INSTRUCTIONS TO FOLLOW: Reproduce all lines of the listing below in which the word "under" occurs.

== Segment start ==

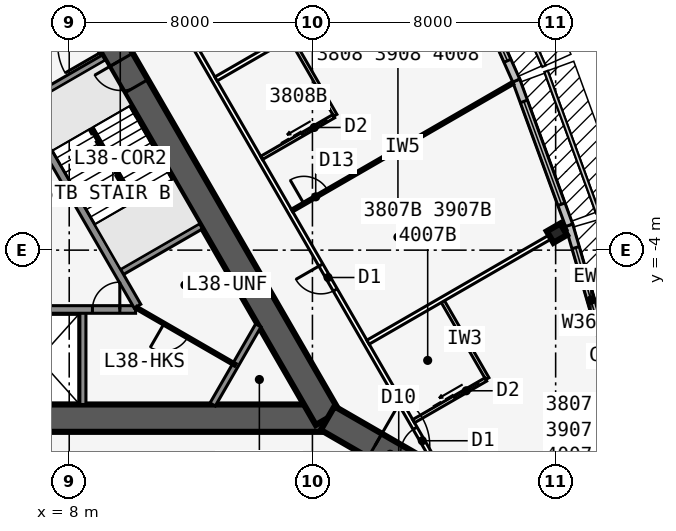
"""IFC4 building model, lengths in metres.
Left out: names, types, materials, properties, quantities, classifications, styles, units other than length and angle.
Written with IfcOpenShell. Run it as: python <this file> out.ifc"""

import sys

from ifc_helpers import new_model, si_unit, direction, frame, frame_2d, origin, origin_2d, place, context, subcontext, project, spatial, rectangle, i_section, extrude, element, fill, save


model = new_model("IFC4")
c1 = context("Model", 3, precision=1e-05, world=origin(), true_north=direction((0.0, 1.0)))
c2 = subcontext(c1, "Body", "Model", "MODEL_VIEW")
j1 = project(units=[si_unit("LENGTHUNIT", "METRE"), si_unit("PLANEANGLEUNIT", "RADIAN")], contexts=[c1])
p1 = place(None, origin())
s1 = spatial("IfcSite", under=j1, at=p1, CompositionType="ELEMENT")
p2 = place(p1, origin())
s2 = spatial("IfcBuilding", under=s1, at=p2, CompositionType="ELEMENT")
p3 = place(p2, frame((0.0, 0.0, 145.3)))
s3 = spatial("IfcBuildingStorey", under=s2, at=p3, CompositionType="ELEMENT", Elevation=145.3)
p4 = place(p3, frame((-16.5, -9.526, 0.0), z_axis=(0.0, 0.0, 1.0), x_axis=(1.0, 0.0, 0.0)))
e1 = element("IfcWall", 1, at=p4, inside=s3, PredefinedType="SHEAR", context=c2, shape_type="SweptSolid", body=[
    extrude(rectangle(XDim=33.0, YDim=0.9, at=frame_2d((16.5, 0.0))), origin(), (0.0, 0.0, 1.0), 3.4),
])
p5 = place(p4, frame((14.05, 0.0, 0.0)))
e2 = element("IfcOpeningElement", 2, at=p5, cuts=e1, PredefinedType="OPENING", context=c2, shape_type="SweptSolid", body=[
    extrude(rectangle(XDim=1.8, YDim=2.13, at=frame_2d((0.9, 1.065))), frame((0.0, 0.46, 0.0), z_axis=(0.0, -1.0, 0.0), x_axis=(1.0, 0.0, 0.0)), (0.0, 0.0, 1.0), 0.92),
])
p6 = place(p3, frame((-0.55, -5.951, 0.0), z_axis=(0.0, 0.0, 1.0), x_axis=(1.0, 0.0, 0.0)))
e3 = element("IfcWall", 3, at=p6, inside=s3, PredefinedType="SOLIDWALL", context=c2, shape_type="SweptSolid", body=[
    extrude(rectangle(XDim=10.733, YDim=0.25, at=frame_2d((5.366, 0.0))), origin(), (0.0, 0.0, 1.0), 3.235),
])
p7 = place(p6, frame((9.314, 0.0, 0.0)))
e4 = element("IfcOpeningElement", 4, at=p7, cuts=e3, PredefinedType="OPENING", context=c2, shape_type="SweptSolid", body=[
    extrude(rectangle(XDim=0.9, YDim=2.13, at=frame_2d((0.45, 1.065))), frame((0.0, 0.135, 0.0), z_axis=(0.0, -1.0, 0.0), x_axis=(1.0, 0.0, 0.0)), (0.0, 0.0, 1.0), 0.27),
])
p8 = place(p6, frame((1.05, 0.0, 0.0)))
e5 = element("IfcOpeningElement", 5, at=p8, cuts=e3, PredefinedType="OPENING", context=c2, shape_type="SweptSolid", body=[
    extrude(rectangle(XDim=1.1, YDim=2.13, at=frame_2d((0.55, 1.065))), frame((0.0, 0.135, 0.0), z_axis=(0.0, -1.0, 0.0), x_axis=(1.0, 0.0, 0.0)), (0.0, 0.0, 1.0), 0.27),
])
p9 = place(p6, frame((4.05, 0.0, 0.0)))
e6 = element("IfcOpeningElement", 6, at=p9, cuts=e3, PredefinedType="OPENING", context=c2, shape_type="SweptSolid", body=[
    extrude(rectangle(XDim=1.1, YDim=2.13, at=frame_2d((0.55, 1.065))), frame((0.0, 0.135, 0.0), z_axis=(0.0, -1.0, 0.0), x_axis=(1.0, 0.0, 0.0)), (0.0, 0.0, 1.0), 0.27),
])
p10 = place(p3, frame((8.45, -5.951, 0.0), z_axis=(0.0, 0.0, 1.0), x_axis=(0.0, -1.0, 0.0)))
e7 = element("IfcWall", 7, at=p10, inside=s3, PredefinedType="SOLIDWALL", context=c2, shape_type="SweptSolid", body=[
    extrude(rectangle(XDim=3.125, YDim=0.2, at=frame_2d((1.562, 0.0))), origin(), (0.0, 0.0, 1.0), 3.235),
])
p11 = place(p3, frame((16.5, -9.526, 0.0), z_axis=(0.0, 0.0, 1.0), x_axis=(-0.499999749417, 0.866025548458, 0.0)))
e8 = element("IfcWall", 8, at=p11, inside=s3, PredefinedType="SHEAR", context=c2, shape_type="SweptSolid", body=[
    extrude(rectangle(XDim=33.0, YDim=0.9, at=frame_2d((16.5, 0.0))), origin(), (0.0, 0.0, 1.0), 3.4),
])
p12 = place(p11, frame((14.15, 0.0, 0.0)))
e9 = element("IfcOpeningElement", 9, at=p12, cuts=e8, PredefinedType="OPENING", context=c2, shape_type="SweptSolid", body=[
    extrude(rectangle(XDim=1.8, YDim=2.13, at=frame_2d((0.9, 1.065))), frame((0.0, 0.46, 0.0), z_axis=(0.0, -1.0, 0.0), x_axis=(1.0, 0.0, 0.0)), (0.0, 0.0, 1.0), 0.92),
])
p13 = place(p11, frame((12.6, 0.0, 0.0)))
e10 = element("IfcOpeningElement", 10, at=p13, cuts=e8, PredefinedType="OPENING", context=c2, shape_type="SweptSolid", body=[
    extrude(rectangle(XDim=1.0, YDim=2.13, at=frame_2d((0.5, 1.065))), frame((0.0, 0.46, 0.0), z_axis=(0.0, -1.0, 0.0), x_axis=(1.0, 0.0, 0.0)), (0.0, 0.0, 1.0), 0.92),
])
p14 = place(p3, frame((10.245, -5.843, 0.0), z_axis=(0.0, 0.0, 1.0), x_axis=(-0.499993009313, 0.866029439822, 0.0)))
e11 = element("IfcWall", 11, at=p14, inside=s3, PredefinedType="SOLIDWALL", context=c2, shape_type="SweptSolid", body=[
    extrude(rectangle(XDim=7.733, YDim=0.25, at=frame_2d((3.866, 0.0))), origin(), (0.0, 0.0, 1.0), 3.235),
])
for number, where, z_axis, x_axis in (
    (12, (9.629, -4.775, 0.0), (0.0, 0.0, 1.0), (0.866, 0.5, 0.0)),
    (13, (6.429, 0.767, 0.0), (0.0, 0.0, 1.0), (0.866, 0.5, 0.0)),
):
    element("IfcWall", number, at=place(p3, frame(where, z_axis=z_axis, x_axis=x_axis)), inside=s3, PredefinedType="SOLIDWALL", context=c2, shape_type="SweptSolid", body=[
        extrude(rectangle(XDim=3.125, YDim=0.2, at=frame_2d((1.562, 0.0))), origin(), (0.0, 0.0, 1.0), 3.235),
    ])
p15 = place(p3, frame((16.5, -9.526, 0.0), z_axis=(0.0, 0.0, 1.0), x_axis=(0.866031398331, -0.499989616998, 0.0)))
e14 = element("IfcWall", 14, at=p15, inside=s3, PredefinedType="SHEAR", context=c2, shape_type="SweptSolid", body=[
    extrude(rectangle(XDim=4.746, YDim=0.9, at=frame_2d((2.373, 0.0))), origin(), (0.0, 0.0, 1.0), 3.4),
])
p16 = place(p15, frame((1.8, 0.0, 0.0)))
e15 = element("IfcOpeningElement", 15, at=p16, cuts=e14, PredefinedType="OPENING", context=c2, shape_type="SweptSolid", body=[
    extrude(rectangle(XDim=1.8, YDim=2.13, at=frame_2d((0.9, 1.065))), frame((0.0, 0.46, 0.0), z_axis=(0.0, -1.0, 0.0), x_axis=(1.0, 0.0, 0.0)), (0.0, 0.0, 1.0), 0.92),
])
p17 = place(p3, frame((24.041, -3.44, 0.0), z_axis=(0.0, 0.0, 1.0), x_axis=(-0.5, 0.866025403784, 0.0)))
e16 = element("IfcColumn", 16, at=p17, inside=s3, PredefinedType="COLUMN", context=c2, shape_type="SweptSolid", body=[
    extrude(i_section(OverallWidth=0.437, OverallDepth=0.513, WebThickness=0.061, FlangeThickness=0.097, at=origin_2d()), origin(), (0.0, 0.0, 1.0), 3.4),
])
p18 = place(p3, frame((25.88, -8.118, 0.0), z_axis=(0.0, 0.0, 1.0), x_axis=(-0.279528287117, 0.960137457191, 0.0)))
e17 = element("IfcWall", 17, at=p18, inside=s3, PredefinedType="STANDARD", context=c2, shape_type="SweptSolid", body=[
    extrude(rectangle(XDim=5.148, YDim=0.25, at=frame_2d((2.574, 0.0))), origin(), (0.0, 0.0, 1.0), 3.235),
])
p19 = place(p18, frame((0.774, 0.0, 0.45)))
e18 = element("IfcOpeningElement", 18, at=p19, cuts=e17, PredefinedType="OPENING", context=c2, shape_type="SweptSolid", body=[
    extrude(rectangle(XDim=3.6, YDim=2.4, at=frame_2d((1.8, 1.2))), frame((0.0, 0.135, 0.0), z_axis=(0.0, -1.0, 0.0), x_axis=(1.0, 0.0, 0.0)), (0.0, 0.0, 1.0), 0.27),
])
p20 = place(p3, frame((24.444, -3.183, 0.0), z_axis=(0.0, 0.0, 1.0), x_axis=(-0.343225593282, 0.939252996863, 0.0)))
e19 = element("IfcWall", 19, at=p20, inside=s3, PredefinedType="STANDARD", context=c2, shape_type="SweptSolid", body=[
    extrude(rectangle(XDim=5.076, YDim=0.25, at=frame_2d((2.538, 0.0))), origin(), (0.0, 0.0, 1.0), 3.235),
])
p21 = place(p20, frame((0.738, 0.0, 0.45)))
e20 = element("IfcOpeningElement", 20, at=p21, cuts=e19, PredefinedType="OPENING", context=c2, shape_type="SweptSolid", body=[
    extrude(rectangle(XDim=3.6, YDim=2.4, at=frame_2d((1.8, 1.2))), frame((0.0, 0.135, 0.0), z_axis=(0.0, -1.0, 0.0), x_axis=(1.0, 0.0, 0.0)), (0.0, 0.0, 1.0), 0.27),
])
p22 = place(p3, frame((22.705, 1.576, 0.0), z_axis=(0.0, 0.0, 1.0), x_axis=(-0.406832200364, 0.913502906808, 0.0)))
e21 = element("IfcWall", 21, at=p22, inside=s3, PredefinedType="STANDARD", context=c2, shape_type="SweptSolid", body=[
    extrude(rectangle(XDim=5.028, YDim=0.25, at=frame_2d((2.514, 0.0))), origin(), (0.0, 0.0, 1.0), 3.235),
])
p23 = place(p22, frame((0.714, 0.0, 0.45)))
e22 = element("IfcOpeningElement", 22, at=p23, cuts=e21, PredefinedType="OPENING", context=c2, shape_type="SweptSolid", body=[
    extrude(rectangle(XDim=3.6, YDim=2.4, at=frame_2d((1.8, 1.2))), frame((0.0, 0.135, 0.0), z_axis=(0.0, -1.0, 0.0), x_axis=(1.0, 0.0, 0.0)), (0.0, 0.0, 1.0), 0.27),
])
p24 = place(p3, frame((20.027, -10.985, 0.0), z_axis=(0.0, 0.0, 1.0), x_axis=(-0.500001677587, 0.866024435227, 0.0)))
e23 = element("IfcWall", 23, at=p24, inside=s3, PredefinedType="PARTITIONING", context=c2, shape_type="SweptSolid", body=[
    extrude(rectangle(XDim=39.054, YDim=0.15, at=frame_2d((19.527, 0.0))), origin(), (0.0, 0.0, 1.0), 3.235),
])
p25 = place(p24, frame((0.352, 0.0, 0.0)))
e24 = element("IfcOpeningElement", 24, at=p25, cuts=e23, PredefinedType="OPENING", context=c2, shape_type="SweptSolid", body=[
    extrude(rectangle(XDim=0.95, YDim=2.13, at=frame_2d((0.475, 1.065))), frame((0.0, 0.085, 0.0), z_axis=(0.0, -1.0, 0.0), x_axis=(1.0, 0.0, 0.0)), (0.0, 0.0, 1.0), 0.17),
])
p26 = place(p24, frame((6.552, 0.0, 0.0)))
e25 = element("IfcOpeningElement", 25, at=p26, cuts=e23, PredefinedType="OPENING", context=c2, shape_type="SweptSolid", body=[
    extrude(rectangle(XDim=0.95, YDim=2.13, at=frame_2d((0.475, 1.065))), frame((0.0, 0.085, 0.0), z_axis=(0.0, -1.0, 0.0), x_axis=(1.0, 0.0, 0.0)), (0.0, 0.0, 1.0), 0.17),
])
p27 = place(p24, frame((17.152, 0.0, 0.0)))
e26 = element("IfcOpeningElement", 26, at=p27, cuts=e23, PredefinedType="OPENING", context=c2, shape_type="SweptSolid", body=[
    extrude(rectangle(XDim=0.95, YDim=2.13, at=frame_2d((0.475, 1.065))), frame((0.0, 0.085, 0.0), z_axis=(0.0, -1.0, 0.0), x_axis=(1.0, 0.0, 0.0)), (0.0, 0.0, 1.0), 0.17),
])
p28 = place(p24, frame((21.552, 0.0, 0.0)))
e27 = element("IfcOpeningElement", 27, at=p28, cuts=e23, PredefinedType="OPENING", context=c2, shape_type="SweptSolid", body=[
    extrude(rectangle(XDim=0.95, YDim=2.13, at=frame_2d((0.475, 1.065))), frame((0.0, 0.085, 0.0), z_axis=(0.0, -1.0, 0.0), x_axis=(1.0, 0.0, 0.0)), (0.0, 0.0, 1.0), 0.17),
])
p29 = place(p24, frame((32.152, 0.0, 0.0)))
e28 = element("IfcOpeningElement", 28, at=p29, cuts=e23, PredefinedType="OPENING", context=c2, shape_type="SweptSolid", body=[
    extrude(rectangle(XDim=0.95, YDim=2.13, at=frame_2d((0.475, 1.065))), frame((0.0, 0.085, 0.0), z_axis=(0.0, -1.0, 0.0), x_axis=(1.0, 0.0, 0.0)), (0.0, 0.0, 1.0), 0.17),
])
p30 = place(p24, frame((37.752, 0.0, 0.0)))
e29 = element("IfcOpeningElement", 29, at=p30, cuts=e23, PredefinedType="OPENING", context=c2, shape_type="SweptSolid", body=[
    extrude(rectangle(XDim=0.95, YDim=2.13, at=frame_2d((0.475, 1.065))), frame((0.0, 0.085, 0.0), z_axis=(0.0, -1.0, 0.0), x_axis=(1.0, 0.0, 0.0)), (0.0, 0.0, 1.0), 0.17),
])
p31 = place(p3, frame((17.829, -7.027, 0.0), z_axis=(0.0, 0.0, 1.0), x_axis=(0.866029804378, 0.499992377871, 0.0)))
e30 = element("IfcWall", 30, at=p31, inside=s3, PredefinedType="PARTITIONING", context=c2, shape_type="SweptSolid", body=[
    extrude(rectangle(XDim=7.516, YDim=0.15, at=frame_2d((3.758, 0.0))), origin(), (0.0, 0.0, 1.0), 2.389),
])
p32 = place(p3, frame((15.329, -2.697, 0.0), z_axis=(0.0, 0.0, 1.0), x_axis=(0.866024316602, 0.50000188305, 0.0)))
e31 = element("IfcWall", 31, at=p32, inside=s3, PredefinedType="PARTITIONING", context=c2, shape_type="SweptSolid", body=[
    extrude(rectangle(XDim=8.395, YDim=0.1, at=frame_2d((4.198, 0.0))), origin(), (0.0, 0.0, 1.0), 2.389),
])
p33 = place(p32, frame((0.45, 0.0, 0.0)))
e32 = element("IfcOpeningElement", 32, at=p33, cuts=e31, PredefinedType="OPENING", context=c2, shape_type="SweptSolid", body=[
    extrude(rectangle(XDim=0.9, YDim=2.13, at=frame_2d((0.45, 1.065))), frame((0.0, 0.06, 0.0), z_axis=(0.0, -1.0, 0.0), x_axis=(1.0, 0.0, 0.0)), (0.0, 0.0, 1.0), 0.12),
])
p34 = place(p3, frame((12.829, 1.633, 0.0), z_axis=(0.0, 0.0, 1.0), x_axis=(0.866027015393, 0.499997208602, 0.0)))
e33 = element("IfcWall", 33, at=p34, inside=s3, PredefinedType="PARTITIONING", context=c2, shape_type="SweptSolid", body=[
    extrude(rectangle(XDim=8.922, YDim=0.15, at=frame_2d((4.461, 0.0))), origin(), (0.0, 0.0, 1.0), 2.389),
])
p35 = place(p3, frame((21.753, -8.225, 0.0), z_axis=(0.0, 0.0, 1.0), x_axis=(-0.499990139034, 0.866031096941, 0.0)))
e34 = element("IfcWall", 34, at=p35, inside=s3, PredefinedType="PLUMBINGWALL", context=c2, shape_type="SweptSolid", body=[
    extrude(rectangle(XDim=3.0, YDim=0.12, at=frame_2d((1.5, 0.0))), origin(), (0.0, 0.0, 1.0), 3.235),
])
p36 = place(p3, frame((19.329, -9.625, 0.0), z_axis=(0.0, 0.0, 1.0), x_axis=(0.866035715982, 0.499982138324, 0.0)))
e35 = element("IfcWall", 35, at=p36, inside=s3, PredefinedType="PLUMBINGWALL", context=c2, shape_type="SweptSolid", body=[
    extrude(rectangle(XDim=2.74, YDim=0.12, at=frame_2d((1.37, 0.0))), origin(), (0.0, 0.0, 1.0), 3.235),
])
p37 = place(p36, frame((1.55, 0.0, 0.0)))
e36 = element("IfcOpeningElement", 36, at=p37, cuts=e35, PredefinedType="OPENING", context=c2, shape_type="SweptSolid", body=[
    extrude(rectangle(XDim=0.9, YDim=2.13, at=frame_2d((0.45, 1.065))), frame((0.0, 0.07, 0.0), z_axis=(0.0, -1.0, 0.0), x_axis=(1.0, 0.0, 0.0)), (0.0, 0.0, 1.0), 0.14),
])
p38 = place(p3, frame((16.753, 0.435, 0.0), z_axis=(0.0, 0.0, 1.0), x_axis=(-0.499990139034, 0.866031096941, 0.0)))
e37 = element("IfcWall", 37, at=p38, inside=s3, PredefinedType="PLUMBINGWALL", context=c2, shape_type="SweptSolid", body=[
    extrude(rectangle(XDim=3.0, YDim=0.12, at=frame_2d((1.5, 0.0))), origin(), (0.0, 0.0, 1.0), 3.235),
])
p39 = place(p3, frame((14.329, -0.965, 0.0), z_axis=(0.0, 0.0, 1.0), x_axis=(0.866035715982, 0.499982138324, 0.0)))
e38 = element("IfcWall", 38, at=p39, inside=s3, PredefinedType="PLUMBINGWALL", context=c2, shape_type="SweptSolid", body=[
    extrude(rectangle(XDim=2.74, YDim=0.12, at=frame_2d((1.37, 0.0))), origin(), (0.0, 0.0, 1.0), 3.235),
])
p40 = place(p39, frame((1.55, 0.0, 0.0)))
e39 = element("IfcOpeningElement", 39, at=p40, cuts=e38, PredefinedType="OPENING", context=c2, shape_type="SweptSolid", body=[
    extrude(rectangle(XDim=0.9, YDim=2.13, at=frame_2d((0.45, 1.065))), frame((0.0, 0.07, 0.0), z_axis=(0.0, -1.0, 0.0), x_axis=(1.0, 0.0, 0.0)), (0.0, 0.0, 1.0), 0.14),
])
p41 = place(p3, frame((14.219, -6.476, 0.0), z_axis=(0.0, 0.0, 1.0), x_axis=(-0.499952404951, -0.866052881055, 0.0)))
e40 = element("IfcWall", 40, at=p41, inside=s3, PredefinedType="SOLIDWALL", context=c2, shape_type="SweptSolid", body=[
    extrude(rectangle(XDim=3.002, YDim=0.2, at=frame_2d((1.501, 0.0))), origin(), (0.0, 0.0, 1.0), 3.235),
])
p42 = place(p3, frame((13.469, -7.776, 0.0), z_axis=(0.0, 0.0, 1.0), x_axis=(-0.866021898093, 0.500006071987, 0.0)))
e41 = element("IfcWall", 41, at=p42, inside=s3, PredefinedType="PARTITIONING", context=c2, shape_type="SweptSolid", body=[
    extrude(rectangle(XDim=3.775, YDim=0.1, at=frame_2d((1.888, 0.0))), origin(), (0.0, 0.0, 1.0), 3.235),
])
p43 = place(p42, frame((1.815, 0.0, 0.0)))
e42 = element("IfcOpeningElement", 42, at=p43, cuts=e41, PredefinedType="OPENING", context=c2, shape_type="SweptSolid", body=[
    extrude(rectangle(XDim=0.9, YDim=2.13, at=frame_2d((0.45, 1.065))), frame((0.0, 0.06, 0.0), z_axis=(0.0, -1.0, 0.0), x_axis=(1.0, 0.0, 0.0)), (0.0, 0.0, 1.0), 0.12),
])
p44 = place(p3, frame((10.135, -2.401, 0.0), z_axis=(0.0, 0.0, 1.0), x_axis=(-0.499992232847, 0.866029888106, 0.0)))
e43 = element("IfcWall", 43, at=p44, inside=s3, PredefinedType="SOLIDWALL", context=c2, shape_type="SweptSolid", body=[
    extrude(rectangle(XDim=2.794, YDim=0.1, at=frame_2d((1.397, 0.0))), origin(), (0.0, 0.0, 1.0), 3.4),
])
p45 = place(p19, origin())
e44 = element("IfcWindow", 44, at=p45, inside=s3, PartitioningType="SINGLE_PANEL", PredefinedType="WINDOW", context=c2, shape_type="SweptSolid", body=[
    extrude(rectangle(XDim=3.6, YDim=2.4, at=frame_2d((1.8, 1.2))), frame((0.0, 0.03, 0.0), z_axis=(0.0, -1.0, 0.0), x_axis=(1.0, 0.0, 0.0)), (0.0, 0.0, 1.0), 0.06),
])
fill(e18, e44)
p46 = place(p21, origin())
e45 = element("IfcWindow", 45, at=p46, inside=s3, PartitioningType="SINGLE_PANEL", PredefinedType="WINDOW", context=c2, shape_type="SweptSolid", body=[
    extrude(rectangle(XDim=3.6, YDim=2.4, at=frame_2d((1.8, 1.2))), frame((0.0, 0.03, 0.0), z_axis=(0.0, -1.0, 0.0), x_axis=(1.0, 0.0, 0.0)), (0.0, 0.0, 1.0), 0.06),
])
fill(e20, e45)
p47 = place(p23, origin())
e46 = element("IfcWindow", 46, at=p47, inside=s3, PartitioningType="SINGLE_PANEL", PredefinedType="WINDOW", context=c2, shape_type="SweptSolid", body=[
    extrude(rectangle(XDim=3.6, YDim=2.4, at=frame_2d((1.8, 1.2))), frame((0.0, 0.03, 0.0), z_axis=(0.0, -1.0, 0.0), x_axis=(1.0, 0.0, 0.0)), (0.0, 0.0, 1.0), 0.06),
])
fill(e22, e46)
p48 = place(p33, origin())
e47 = element("IfcDoor", 47, at=p48, inside=s3, OperationType="SINGLE_SWING_LEFT", PredefinedType="DOOR", context=c2, shape_type="SweptSolid", body=[
    extrude(rectangle(XDim=0.9, YDim=2.13, at=frame_2d((0.45, 1.065))), frame((0.0, 0.025, 0.0), z_axis=(0.0, -1.0, 0.0), x_axis=(1.0, 0.0, 0.0)), (0.0, 0.0, 1.0), 0.05),
])
fill(e32, e47)
p49 = place(p37, origin())
e48 = element("IfcDoor", 48, at=p49, inside=s3, OperationType="SLIDING_TO_LEFT", PredefinedType="DOOR", context=c2, shape_type="SweptSolid", body=[
    extrude(rectangle(XDim=0.9, YDim=2.13, at=frame_2d((0.45, 1.065))), frame((0.0, 0.025, 0.0), z_axis=(0.0, -1.0, 0.0), x_axis=(1.0, 0.0, 0.0)), (0.0, 0.0, 1.0), 0.05),
])
fill(e36, e48)
p50 = place(p25, origin())
e49 = element("IfcDoor", 49, at=p50, inside=s3, OperationType="SINGLE_SWING_LEFT", PredefinedType="DOOR", context=c2, shape_type="SweptSolid", body=[
    extrude(rectangle(XDim=0.95, YDim=2.13, at=frame_2d((0.475, 1.065))), frame((0.0, 0.025, 0.0), z_axis=(0.0, -1.0, 0.0), x_axis=(1.0, 0.0, 0.0)), (0.0, 0.0, 1.0), 0.05),
])
fill(e24, e49)
p51 = place(p26, origin())
e50 = element("IfcDoor", 50, at=p51, inside=s3, OperationType="SINGLE_SWING_RIGHT", PredefinedType="DOOR", context=c2, shape_type="SweptSolid", body=[
    extrude(rectangle(XDim=0.95, YDim=2.13, at=frame_2d((0.475, 1.065))), frame((0.0, 0.025, 0.0), z_axis=(0.0, -1.0, 0.0), x_axis=(1.0, 0.0, 0.0)), (0.0, 0.0, 1.0), 0.05),
])
fill(e25, e50)
p52 = place(p40, origin())
e51 = element("IfcDoor", 51, at=p52, inside=s3, OperationType="SLIDING_TO_LEFT", PredefinedType="DOOR", context=c2, shape_type="SweptSolid", body=[
    extrude(rectangle(XDim=0.9, YDim=2.13, at=frame_2d((0.45, 1.065))), frame((0.0, 0.025, 0.0), z_axis=(0.0, -1.0, 0.0), x_axis=(1.0, 0.0, 0.0)), (0.0, 0.0, 1.0), 0.05),
])
fill(e39, e51)
p53 = place(p13, origin())
e52 = element("IfcDoor", 52, at=p53, inside=s3, OperationType="SINGLE_SWING_RIGHT", PredefinedType="DOOR", context=c2, shape_type="SweptSolid", body=[
    extrude(rectangle(XDim=1.0, YDim=2.13, at=frame_2d((0.5, 1.065))), frame((0.0, 0.025, 0.0), z_axis=(0.0, -1.0, 0.0), x_axis=(1.0, 0.0, 0.0)), (0.0, 0.0, 1.0), 0.05),
])
fill(e10, e52)
p54 = place(p16, origin())
e53 = element("IfcDoor", 53, at=p54, inside=s3, OperationType="DOUBLE_DOOR_DOUBLE_SWING", PredefinedType="DOOR", context=c2, shape_type="SweptSolid", body=[
    extrude(rectangle(XDim=1.8, YDim=2.13, at=frame_2d((0.9, 1.065))), frame((0.0, 0.025, 0.0), z_axis=(0.0, -1.0, 0.0), x_axis=(1.0, 0.0, 0.0)), (0.0, 0.0, 1.0), 0.05),
])
fill(e15, e53)
p55 = place(p7, origin())
e54 = element("IfcDoor", 54, at=p55, inside=s3, OperationType="SINGLE_SWING_RIGHT", PredefinedType="DOOR", context=c2, shape_type="SweptSolid", body=[
    extrude(rectangle(XDim=0.9, YDim=2.13, at=frame_2d((0.45, 1.065))), frame((0.0, 0.025, 0.0), z_axis=(0.0, -1.0, 0.0), x_axis=(1.0, 0.0, 0.0)), (0.0, 0.0, 1.0), 0.05),
])
fill(e4, e54)
p56 = place(p43, origin())
e55 = element("IfcDoor", 55, at=p56, inside=s3, OperationType="SINGLE_SWING_RIGHT", PredefinedType="DOOR", context=c2, shape_type="SweptSolid", body=[
    extrude(rectangle(XDim=0.9, YDim=2.13, at=frame_2d((0.45, 1.065))), frame((0.0, 0.025, 0.0), z_axis=(0.0, -1.0, 0.0), x_axis=(1.0, 0.0, 0.0)), (0.0, 0.0, 1.0), 0.05),
])
fill(e42, e55)
save(model, sys.argv[1])

== Segment end ==

SOLUTION TO THIS EXERCISE:
s1 = spatial("IfcSite", under=j1, at=p1, CompositionType="ELEMENT")
s2 = spatial("IfcBuilding", under=s1, at=p2, CompositionType="ELEMENT")
s3 = spatial("IfcBuildingStorey", under=s2, at=p3, CompositionType="ELEMENT", Elevation=145.3)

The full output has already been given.